Assignment: Below are records; report how many of their lines contain the word "under", giving only the number.

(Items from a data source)
:::::

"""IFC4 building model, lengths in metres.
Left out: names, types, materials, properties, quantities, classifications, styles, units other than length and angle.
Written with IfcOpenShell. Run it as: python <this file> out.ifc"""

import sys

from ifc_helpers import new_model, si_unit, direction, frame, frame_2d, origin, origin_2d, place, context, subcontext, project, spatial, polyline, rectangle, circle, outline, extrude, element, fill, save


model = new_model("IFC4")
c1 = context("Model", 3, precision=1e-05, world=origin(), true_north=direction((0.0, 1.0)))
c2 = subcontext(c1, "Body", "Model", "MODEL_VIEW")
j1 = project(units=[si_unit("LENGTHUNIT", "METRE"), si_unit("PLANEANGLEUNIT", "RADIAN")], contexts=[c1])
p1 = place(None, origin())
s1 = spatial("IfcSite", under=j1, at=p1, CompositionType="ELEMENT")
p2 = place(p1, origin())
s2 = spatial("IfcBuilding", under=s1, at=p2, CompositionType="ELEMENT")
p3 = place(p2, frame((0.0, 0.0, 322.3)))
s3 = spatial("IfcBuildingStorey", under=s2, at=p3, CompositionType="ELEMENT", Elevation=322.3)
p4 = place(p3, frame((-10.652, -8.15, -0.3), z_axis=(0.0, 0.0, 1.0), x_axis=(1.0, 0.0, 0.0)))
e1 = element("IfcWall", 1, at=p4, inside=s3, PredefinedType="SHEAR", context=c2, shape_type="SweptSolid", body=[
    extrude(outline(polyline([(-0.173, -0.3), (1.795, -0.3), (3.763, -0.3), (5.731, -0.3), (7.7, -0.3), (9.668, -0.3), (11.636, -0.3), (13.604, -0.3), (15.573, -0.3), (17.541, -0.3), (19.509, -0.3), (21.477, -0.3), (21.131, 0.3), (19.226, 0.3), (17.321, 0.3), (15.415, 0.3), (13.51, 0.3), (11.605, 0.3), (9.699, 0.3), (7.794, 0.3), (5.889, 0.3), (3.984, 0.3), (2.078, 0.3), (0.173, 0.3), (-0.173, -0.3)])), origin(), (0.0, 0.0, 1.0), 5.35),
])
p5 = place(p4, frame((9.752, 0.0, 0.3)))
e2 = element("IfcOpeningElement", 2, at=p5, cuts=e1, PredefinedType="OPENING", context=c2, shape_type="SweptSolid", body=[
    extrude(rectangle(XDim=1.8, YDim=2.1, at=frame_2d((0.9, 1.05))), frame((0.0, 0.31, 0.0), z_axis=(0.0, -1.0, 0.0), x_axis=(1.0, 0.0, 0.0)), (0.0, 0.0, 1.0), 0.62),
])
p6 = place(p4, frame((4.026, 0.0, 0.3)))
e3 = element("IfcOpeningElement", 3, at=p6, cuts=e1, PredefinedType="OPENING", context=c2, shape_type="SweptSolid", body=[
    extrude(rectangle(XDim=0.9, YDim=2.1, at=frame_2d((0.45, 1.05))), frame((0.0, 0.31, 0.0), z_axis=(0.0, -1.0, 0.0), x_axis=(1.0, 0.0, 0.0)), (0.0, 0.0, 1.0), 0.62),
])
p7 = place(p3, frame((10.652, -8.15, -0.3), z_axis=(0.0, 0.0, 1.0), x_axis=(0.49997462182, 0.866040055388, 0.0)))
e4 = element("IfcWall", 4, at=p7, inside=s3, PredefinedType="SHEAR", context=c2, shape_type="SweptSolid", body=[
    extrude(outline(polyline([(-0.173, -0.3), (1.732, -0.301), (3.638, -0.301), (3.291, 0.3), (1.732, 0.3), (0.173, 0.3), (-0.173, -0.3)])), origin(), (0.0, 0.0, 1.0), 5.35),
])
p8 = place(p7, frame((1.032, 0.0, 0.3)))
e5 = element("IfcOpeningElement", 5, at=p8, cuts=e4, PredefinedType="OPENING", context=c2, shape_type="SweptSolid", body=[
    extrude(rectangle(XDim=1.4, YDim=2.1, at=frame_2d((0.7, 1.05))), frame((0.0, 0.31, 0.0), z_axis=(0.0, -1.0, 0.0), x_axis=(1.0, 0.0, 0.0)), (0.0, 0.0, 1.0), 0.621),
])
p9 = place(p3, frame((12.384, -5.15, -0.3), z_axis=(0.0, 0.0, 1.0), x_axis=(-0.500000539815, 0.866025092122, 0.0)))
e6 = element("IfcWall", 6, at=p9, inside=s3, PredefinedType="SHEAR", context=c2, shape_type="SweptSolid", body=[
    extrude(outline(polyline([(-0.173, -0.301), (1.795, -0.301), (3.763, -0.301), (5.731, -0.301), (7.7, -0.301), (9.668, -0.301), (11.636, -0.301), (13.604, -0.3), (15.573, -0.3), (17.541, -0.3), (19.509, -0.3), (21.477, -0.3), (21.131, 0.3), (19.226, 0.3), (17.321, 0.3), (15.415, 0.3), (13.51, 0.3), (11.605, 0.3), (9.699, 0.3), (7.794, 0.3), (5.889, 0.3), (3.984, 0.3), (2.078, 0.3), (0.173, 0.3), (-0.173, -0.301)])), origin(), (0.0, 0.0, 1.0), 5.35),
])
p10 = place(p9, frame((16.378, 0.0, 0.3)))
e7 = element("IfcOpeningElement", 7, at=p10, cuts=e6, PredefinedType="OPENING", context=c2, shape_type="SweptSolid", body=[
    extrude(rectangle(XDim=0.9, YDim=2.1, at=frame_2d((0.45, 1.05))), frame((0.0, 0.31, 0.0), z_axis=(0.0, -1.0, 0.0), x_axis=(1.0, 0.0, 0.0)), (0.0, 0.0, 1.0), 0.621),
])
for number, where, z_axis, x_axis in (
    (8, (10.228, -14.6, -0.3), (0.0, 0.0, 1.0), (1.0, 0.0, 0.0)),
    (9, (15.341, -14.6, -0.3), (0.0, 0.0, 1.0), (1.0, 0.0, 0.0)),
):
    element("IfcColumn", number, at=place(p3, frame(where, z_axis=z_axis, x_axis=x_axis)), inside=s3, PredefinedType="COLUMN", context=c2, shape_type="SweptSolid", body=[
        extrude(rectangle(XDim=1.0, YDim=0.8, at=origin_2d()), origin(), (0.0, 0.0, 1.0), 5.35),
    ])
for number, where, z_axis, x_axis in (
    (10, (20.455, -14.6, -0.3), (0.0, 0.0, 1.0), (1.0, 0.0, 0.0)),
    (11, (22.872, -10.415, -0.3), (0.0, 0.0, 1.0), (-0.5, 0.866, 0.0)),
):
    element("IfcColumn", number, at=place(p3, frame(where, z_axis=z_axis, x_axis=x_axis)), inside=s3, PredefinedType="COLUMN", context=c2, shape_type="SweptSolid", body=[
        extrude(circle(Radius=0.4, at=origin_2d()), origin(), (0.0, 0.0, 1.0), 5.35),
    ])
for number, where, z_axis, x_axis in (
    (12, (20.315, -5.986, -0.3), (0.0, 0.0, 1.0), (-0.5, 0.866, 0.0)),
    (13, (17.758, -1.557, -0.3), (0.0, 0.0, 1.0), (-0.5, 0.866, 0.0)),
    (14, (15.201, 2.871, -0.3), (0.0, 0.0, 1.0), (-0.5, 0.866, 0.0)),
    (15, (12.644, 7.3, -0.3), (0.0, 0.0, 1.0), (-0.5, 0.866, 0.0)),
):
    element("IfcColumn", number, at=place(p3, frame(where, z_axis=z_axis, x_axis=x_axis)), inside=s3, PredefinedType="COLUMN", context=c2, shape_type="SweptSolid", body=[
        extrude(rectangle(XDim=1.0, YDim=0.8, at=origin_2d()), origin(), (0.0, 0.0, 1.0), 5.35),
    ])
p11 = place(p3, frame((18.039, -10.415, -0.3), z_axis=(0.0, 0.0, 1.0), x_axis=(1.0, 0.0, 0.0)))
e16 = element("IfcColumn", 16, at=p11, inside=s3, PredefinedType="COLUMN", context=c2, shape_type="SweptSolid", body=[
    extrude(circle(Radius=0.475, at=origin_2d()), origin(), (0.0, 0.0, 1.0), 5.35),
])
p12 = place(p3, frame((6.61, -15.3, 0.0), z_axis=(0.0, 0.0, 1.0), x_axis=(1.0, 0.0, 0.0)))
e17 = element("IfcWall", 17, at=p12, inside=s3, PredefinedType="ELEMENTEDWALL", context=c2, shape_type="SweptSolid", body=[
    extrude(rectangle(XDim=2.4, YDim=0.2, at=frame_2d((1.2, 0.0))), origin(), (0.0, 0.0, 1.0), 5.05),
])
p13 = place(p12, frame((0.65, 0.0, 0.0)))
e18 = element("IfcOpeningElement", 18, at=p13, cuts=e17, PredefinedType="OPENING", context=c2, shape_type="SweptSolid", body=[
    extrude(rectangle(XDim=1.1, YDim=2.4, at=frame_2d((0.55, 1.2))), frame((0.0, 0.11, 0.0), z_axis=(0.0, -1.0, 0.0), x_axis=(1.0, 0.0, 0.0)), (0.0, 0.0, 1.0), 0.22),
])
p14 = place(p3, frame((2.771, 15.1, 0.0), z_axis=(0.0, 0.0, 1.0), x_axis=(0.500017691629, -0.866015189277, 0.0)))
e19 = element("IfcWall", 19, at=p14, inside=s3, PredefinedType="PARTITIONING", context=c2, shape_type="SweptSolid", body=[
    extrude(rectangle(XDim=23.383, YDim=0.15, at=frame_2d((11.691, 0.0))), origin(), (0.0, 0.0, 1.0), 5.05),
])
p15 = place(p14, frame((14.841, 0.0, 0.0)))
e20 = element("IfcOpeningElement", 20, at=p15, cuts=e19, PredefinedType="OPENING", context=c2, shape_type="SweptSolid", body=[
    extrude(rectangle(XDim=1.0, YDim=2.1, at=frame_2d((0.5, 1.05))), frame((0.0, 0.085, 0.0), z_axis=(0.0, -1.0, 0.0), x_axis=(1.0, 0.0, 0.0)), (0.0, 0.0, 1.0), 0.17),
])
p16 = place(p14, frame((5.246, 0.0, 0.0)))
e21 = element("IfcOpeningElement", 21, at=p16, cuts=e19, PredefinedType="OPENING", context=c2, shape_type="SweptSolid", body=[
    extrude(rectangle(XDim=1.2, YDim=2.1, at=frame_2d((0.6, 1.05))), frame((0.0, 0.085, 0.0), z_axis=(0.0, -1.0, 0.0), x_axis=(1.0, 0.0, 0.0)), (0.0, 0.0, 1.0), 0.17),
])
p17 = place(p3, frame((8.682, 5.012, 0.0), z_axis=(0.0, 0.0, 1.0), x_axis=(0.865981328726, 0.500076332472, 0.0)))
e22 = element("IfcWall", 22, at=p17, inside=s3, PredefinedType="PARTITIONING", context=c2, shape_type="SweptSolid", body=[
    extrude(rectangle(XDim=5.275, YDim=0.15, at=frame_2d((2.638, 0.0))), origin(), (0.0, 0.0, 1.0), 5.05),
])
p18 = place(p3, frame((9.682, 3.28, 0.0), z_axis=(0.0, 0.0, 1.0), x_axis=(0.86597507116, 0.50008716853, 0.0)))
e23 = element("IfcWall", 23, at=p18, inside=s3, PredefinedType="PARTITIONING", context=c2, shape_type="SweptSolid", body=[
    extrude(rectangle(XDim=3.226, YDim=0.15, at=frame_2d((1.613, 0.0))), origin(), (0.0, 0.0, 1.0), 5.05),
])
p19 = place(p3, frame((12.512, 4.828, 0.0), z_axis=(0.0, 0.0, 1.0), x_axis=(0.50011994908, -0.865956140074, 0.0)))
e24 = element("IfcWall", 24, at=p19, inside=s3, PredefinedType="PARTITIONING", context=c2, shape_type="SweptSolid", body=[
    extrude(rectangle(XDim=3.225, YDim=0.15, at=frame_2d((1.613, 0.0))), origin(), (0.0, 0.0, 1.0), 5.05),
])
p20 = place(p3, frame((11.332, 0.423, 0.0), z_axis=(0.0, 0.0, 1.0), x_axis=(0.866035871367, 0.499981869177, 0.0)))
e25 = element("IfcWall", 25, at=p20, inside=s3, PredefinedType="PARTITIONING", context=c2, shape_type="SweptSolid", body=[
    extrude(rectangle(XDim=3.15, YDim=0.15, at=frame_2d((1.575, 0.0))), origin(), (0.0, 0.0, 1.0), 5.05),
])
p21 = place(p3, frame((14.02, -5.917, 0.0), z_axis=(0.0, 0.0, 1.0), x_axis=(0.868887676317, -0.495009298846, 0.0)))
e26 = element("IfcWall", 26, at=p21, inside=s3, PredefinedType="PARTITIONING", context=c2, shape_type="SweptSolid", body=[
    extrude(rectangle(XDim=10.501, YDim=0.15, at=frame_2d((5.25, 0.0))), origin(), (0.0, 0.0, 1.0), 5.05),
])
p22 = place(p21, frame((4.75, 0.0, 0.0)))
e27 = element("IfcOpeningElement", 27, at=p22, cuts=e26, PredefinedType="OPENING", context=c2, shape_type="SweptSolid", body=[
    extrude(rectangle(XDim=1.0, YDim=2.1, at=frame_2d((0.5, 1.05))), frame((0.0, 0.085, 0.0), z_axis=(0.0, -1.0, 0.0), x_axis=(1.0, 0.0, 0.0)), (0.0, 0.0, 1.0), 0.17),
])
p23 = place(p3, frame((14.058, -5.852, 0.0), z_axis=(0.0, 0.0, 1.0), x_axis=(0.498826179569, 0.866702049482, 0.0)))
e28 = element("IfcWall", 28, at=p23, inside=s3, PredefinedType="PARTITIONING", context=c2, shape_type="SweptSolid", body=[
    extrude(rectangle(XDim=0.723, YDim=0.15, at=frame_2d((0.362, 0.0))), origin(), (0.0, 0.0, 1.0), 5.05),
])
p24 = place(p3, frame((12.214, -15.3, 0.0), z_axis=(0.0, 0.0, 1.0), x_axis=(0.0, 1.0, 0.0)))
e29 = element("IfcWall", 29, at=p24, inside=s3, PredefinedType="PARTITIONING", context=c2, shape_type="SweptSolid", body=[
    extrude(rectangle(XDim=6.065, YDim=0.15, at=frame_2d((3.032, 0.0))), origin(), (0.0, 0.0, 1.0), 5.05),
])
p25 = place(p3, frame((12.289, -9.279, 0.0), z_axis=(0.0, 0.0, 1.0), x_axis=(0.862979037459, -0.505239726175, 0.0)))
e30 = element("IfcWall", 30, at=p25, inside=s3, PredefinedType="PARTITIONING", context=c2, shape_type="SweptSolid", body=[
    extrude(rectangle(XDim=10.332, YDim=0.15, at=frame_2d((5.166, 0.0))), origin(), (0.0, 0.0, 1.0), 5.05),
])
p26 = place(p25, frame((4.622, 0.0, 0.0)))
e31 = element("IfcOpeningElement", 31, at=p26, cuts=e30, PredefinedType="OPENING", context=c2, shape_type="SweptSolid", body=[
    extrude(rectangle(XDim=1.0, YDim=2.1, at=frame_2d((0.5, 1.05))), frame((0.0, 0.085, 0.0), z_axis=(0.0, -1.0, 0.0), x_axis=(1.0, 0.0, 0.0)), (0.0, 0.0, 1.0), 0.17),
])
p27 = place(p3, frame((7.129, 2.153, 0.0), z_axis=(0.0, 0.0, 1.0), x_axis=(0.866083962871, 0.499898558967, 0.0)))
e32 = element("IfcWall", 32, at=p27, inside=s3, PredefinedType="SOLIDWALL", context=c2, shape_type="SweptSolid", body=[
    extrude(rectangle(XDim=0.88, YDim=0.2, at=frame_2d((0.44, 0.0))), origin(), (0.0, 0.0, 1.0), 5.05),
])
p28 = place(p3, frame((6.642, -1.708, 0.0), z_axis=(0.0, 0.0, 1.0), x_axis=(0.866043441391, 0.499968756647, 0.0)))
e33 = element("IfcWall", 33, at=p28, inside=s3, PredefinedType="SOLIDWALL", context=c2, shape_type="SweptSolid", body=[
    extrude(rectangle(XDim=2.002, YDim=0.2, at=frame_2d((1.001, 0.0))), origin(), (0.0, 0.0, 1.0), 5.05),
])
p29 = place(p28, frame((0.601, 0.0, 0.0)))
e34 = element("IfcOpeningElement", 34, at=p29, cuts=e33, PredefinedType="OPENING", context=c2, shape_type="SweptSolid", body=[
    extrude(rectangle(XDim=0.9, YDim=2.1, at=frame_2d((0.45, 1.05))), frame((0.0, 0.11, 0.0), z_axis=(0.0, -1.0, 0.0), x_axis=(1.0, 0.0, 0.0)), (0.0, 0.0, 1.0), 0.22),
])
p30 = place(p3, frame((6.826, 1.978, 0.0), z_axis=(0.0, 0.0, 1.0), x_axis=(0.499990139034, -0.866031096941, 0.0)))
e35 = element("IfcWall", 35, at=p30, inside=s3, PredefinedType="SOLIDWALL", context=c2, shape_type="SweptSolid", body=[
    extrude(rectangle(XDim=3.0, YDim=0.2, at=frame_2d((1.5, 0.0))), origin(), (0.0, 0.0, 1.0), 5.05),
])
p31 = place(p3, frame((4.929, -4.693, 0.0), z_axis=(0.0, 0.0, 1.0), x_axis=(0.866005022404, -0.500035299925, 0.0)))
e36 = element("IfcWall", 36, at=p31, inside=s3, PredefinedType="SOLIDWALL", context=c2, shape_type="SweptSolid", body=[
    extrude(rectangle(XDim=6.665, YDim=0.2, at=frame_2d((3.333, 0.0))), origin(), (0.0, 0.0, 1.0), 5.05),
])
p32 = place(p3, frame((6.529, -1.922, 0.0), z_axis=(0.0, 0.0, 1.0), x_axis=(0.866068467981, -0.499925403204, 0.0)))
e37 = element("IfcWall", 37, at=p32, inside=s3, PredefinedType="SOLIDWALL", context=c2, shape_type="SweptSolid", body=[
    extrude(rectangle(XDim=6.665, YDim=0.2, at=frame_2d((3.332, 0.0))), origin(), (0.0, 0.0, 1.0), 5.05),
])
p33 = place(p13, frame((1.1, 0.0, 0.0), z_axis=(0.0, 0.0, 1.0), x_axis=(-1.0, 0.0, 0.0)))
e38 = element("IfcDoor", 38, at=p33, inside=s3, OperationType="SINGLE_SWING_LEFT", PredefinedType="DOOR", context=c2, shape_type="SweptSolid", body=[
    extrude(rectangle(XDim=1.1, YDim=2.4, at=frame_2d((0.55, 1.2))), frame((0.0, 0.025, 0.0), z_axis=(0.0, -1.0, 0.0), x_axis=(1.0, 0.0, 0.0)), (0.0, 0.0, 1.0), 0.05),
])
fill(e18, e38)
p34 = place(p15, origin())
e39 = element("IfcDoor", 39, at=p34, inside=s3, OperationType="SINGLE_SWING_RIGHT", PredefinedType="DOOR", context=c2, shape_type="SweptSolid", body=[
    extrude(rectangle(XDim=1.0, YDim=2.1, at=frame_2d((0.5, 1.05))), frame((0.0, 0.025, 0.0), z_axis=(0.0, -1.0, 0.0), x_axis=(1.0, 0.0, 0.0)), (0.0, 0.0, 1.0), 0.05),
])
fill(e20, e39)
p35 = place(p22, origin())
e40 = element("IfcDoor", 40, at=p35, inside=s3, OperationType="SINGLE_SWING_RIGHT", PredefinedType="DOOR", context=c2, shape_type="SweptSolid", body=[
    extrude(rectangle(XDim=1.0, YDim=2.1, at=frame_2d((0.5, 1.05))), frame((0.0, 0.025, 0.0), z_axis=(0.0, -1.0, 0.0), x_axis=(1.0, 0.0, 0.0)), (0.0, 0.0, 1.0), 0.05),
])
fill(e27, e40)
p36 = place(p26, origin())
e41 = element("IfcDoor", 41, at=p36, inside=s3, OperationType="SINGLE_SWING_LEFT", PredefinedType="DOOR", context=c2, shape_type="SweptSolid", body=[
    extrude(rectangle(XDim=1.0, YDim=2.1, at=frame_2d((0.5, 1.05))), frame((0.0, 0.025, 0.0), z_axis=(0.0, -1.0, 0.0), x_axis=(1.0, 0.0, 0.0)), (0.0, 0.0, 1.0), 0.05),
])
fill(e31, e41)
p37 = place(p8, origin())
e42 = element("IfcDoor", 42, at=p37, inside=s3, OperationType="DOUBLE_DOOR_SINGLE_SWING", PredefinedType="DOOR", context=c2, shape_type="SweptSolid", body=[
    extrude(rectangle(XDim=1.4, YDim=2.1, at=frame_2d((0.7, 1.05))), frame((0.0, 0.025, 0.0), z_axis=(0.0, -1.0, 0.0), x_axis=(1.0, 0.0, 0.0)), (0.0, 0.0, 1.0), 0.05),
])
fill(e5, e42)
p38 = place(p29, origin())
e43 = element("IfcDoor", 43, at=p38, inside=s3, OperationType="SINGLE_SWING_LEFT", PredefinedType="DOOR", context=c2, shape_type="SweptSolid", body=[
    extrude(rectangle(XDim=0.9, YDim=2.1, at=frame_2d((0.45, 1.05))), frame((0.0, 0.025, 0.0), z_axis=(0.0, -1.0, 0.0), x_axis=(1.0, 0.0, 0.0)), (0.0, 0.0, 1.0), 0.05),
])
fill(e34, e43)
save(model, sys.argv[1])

:::::

Exercise solution: 3